ACTION ITEM =>
Among the records, find the lines that hold the string "SUBTRACT" and return them.

DATA EXTRACT =>
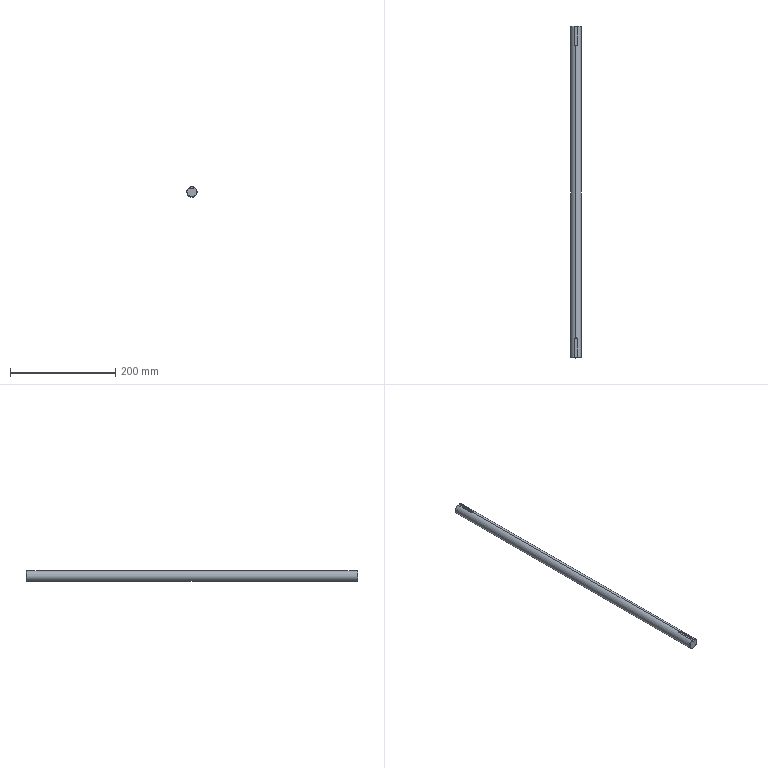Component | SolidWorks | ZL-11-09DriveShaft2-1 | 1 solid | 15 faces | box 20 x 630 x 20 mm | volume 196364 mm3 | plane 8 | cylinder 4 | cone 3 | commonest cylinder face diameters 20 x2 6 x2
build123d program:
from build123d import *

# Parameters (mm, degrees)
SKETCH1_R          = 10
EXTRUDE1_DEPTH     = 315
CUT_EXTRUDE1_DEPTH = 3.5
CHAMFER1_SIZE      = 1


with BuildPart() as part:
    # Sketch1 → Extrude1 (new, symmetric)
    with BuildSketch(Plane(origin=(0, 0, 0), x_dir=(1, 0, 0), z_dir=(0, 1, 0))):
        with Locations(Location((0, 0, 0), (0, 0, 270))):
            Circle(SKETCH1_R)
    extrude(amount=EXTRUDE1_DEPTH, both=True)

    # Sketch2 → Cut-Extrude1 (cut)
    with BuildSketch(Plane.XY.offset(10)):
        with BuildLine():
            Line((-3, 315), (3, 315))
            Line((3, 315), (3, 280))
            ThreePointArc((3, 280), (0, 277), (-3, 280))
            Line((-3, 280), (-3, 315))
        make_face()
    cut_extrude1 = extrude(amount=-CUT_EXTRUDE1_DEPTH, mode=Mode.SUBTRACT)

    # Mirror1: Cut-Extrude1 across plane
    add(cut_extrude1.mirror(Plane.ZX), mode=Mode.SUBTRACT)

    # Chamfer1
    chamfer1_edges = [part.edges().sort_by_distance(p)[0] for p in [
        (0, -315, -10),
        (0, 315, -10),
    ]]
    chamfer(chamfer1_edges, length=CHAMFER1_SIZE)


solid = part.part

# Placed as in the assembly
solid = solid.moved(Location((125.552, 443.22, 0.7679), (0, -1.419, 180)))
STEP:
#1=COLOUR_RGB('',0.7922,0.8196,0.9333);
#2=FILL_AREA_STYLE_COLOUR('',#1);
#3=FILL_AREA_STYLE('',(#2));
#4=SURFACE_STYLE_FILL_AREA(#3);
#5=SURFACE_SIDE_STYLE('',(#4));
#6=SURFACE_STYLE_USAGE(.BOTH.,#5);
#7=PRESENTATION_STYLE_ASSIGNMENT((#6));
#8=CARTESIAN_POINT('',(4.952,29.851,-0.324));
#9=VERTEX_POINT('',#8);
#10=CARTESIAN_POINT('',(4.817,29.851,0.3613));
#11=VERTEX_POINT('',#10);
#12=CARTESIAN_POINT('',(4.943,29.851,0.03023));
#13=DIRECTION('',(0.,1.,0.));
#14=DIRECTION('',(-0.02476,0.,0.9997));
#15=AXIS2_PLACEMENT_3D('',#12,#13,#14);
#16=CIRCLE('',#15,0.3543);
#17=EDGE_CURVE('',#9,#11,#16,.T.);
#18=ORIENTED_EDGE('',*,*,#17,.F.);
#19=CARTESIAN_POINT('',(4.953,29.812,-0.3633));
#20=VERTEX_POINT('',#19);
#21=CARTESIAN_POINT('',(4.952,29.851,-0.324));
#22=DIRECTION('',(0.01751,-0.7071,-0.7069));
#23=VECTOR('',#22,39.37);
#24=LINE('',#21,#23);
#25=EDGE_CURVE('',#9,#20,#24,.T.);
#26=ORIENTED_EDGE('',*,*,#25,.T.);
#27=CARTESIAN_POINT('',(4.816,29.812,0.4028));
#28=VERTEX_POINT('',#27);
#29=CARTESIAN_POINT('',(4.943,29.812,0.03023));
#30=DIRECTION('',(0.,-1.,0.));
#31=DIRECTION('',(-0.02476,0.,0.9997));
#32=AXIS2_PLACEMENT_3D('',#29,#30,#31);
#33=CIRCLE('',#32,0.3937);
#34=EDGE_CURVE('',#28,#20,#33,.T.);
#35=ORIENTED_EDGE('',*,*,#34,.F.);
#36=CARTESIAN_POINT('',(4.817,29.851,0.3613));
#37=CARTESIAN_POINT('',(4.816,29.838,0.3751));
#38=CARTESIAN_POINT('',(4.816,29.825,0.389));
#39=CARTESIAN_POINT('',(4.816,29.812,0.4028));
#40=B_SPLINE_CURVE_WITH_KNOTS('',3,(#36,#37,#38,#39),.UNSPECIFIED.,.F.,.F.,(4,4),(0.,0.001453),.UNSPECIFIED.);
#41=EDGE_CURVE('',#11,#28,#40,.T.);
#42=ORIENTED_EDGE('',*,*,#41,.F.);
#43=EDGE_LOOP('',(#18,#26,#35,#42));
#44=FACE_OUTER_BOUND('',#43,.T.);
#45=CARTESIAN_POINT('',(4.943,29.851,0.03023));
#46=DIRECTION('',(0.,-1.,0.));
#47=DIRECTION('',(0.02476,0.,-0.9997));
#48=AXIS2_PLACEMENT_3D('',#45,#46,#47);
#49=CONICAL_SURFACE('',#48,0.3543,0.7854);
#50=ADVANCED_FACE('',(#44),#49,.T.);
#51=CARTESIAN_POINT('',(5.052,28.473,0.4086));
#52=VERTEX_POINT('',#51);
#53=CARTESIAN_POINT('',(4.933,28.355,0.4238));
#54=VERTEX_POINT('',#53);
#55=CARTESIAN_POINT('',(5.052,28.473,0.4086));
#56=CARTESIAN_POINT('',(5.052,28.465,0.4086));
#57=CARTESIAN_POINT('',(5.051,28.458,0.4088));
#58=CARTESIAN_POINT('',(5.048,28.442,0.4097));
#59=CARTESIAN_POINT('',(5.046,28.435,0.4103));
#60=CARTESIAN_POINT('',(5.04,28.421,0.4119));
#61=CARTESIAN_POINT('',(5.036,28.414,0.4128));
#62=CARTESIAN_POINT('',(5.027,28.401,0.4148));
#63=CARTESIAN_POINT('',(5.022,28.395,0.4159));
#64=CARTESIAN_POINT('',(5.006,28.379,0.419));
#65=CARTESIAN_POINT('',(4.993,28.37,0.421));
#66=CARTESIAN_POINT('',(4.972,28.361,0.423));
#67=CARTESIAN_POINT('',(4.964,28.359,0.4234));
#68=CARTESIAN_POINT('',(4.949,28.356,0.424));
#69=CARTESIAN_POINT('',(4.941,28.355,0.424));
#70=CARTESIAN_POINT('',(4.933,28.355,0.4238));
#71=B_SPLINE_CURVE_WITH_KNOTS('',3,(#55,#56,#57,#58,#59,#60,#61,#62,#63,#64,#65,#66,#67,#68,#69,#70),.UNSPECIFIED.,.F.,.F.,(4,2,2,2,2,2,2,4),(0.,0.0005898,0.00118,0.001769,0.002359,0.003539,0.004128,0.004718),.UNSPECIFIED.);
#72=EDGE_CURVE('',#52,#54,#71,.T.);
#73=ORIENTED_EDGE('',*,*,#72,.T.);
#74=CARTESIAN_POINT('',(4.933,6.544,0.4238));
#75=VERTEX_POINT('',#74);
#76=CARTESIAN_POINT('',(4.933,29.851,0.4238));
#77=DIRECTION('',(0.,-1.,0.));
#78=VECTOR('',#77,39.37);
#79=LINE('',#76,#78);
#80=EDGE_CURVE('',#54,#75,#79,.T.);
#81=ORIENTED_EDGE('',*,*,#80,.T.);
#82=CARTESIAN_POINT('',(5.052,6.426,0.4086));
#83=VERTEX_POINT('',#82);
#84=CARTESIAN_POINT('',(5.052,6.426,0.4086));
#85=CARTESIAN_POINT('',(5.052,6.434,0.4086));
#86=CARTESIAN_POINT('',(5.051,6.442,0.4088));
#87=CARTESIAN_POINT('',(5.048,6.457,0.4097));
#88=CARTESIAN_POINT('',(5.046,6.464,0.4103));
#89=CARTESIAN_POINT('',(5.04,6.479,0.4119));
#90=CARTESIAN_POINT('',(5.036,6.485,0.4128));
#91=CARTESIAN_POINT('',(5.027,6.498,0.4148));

EXERCISE RESPONSE =>
    cut_extrude1 = extrude(amount=-CUT_EXTRUDE1_DEPTH, mode=Mode.SUBTRACT)
    add(cut_extrude1.mirror(Plane.ZX), mode=Mode.SUBTRACT)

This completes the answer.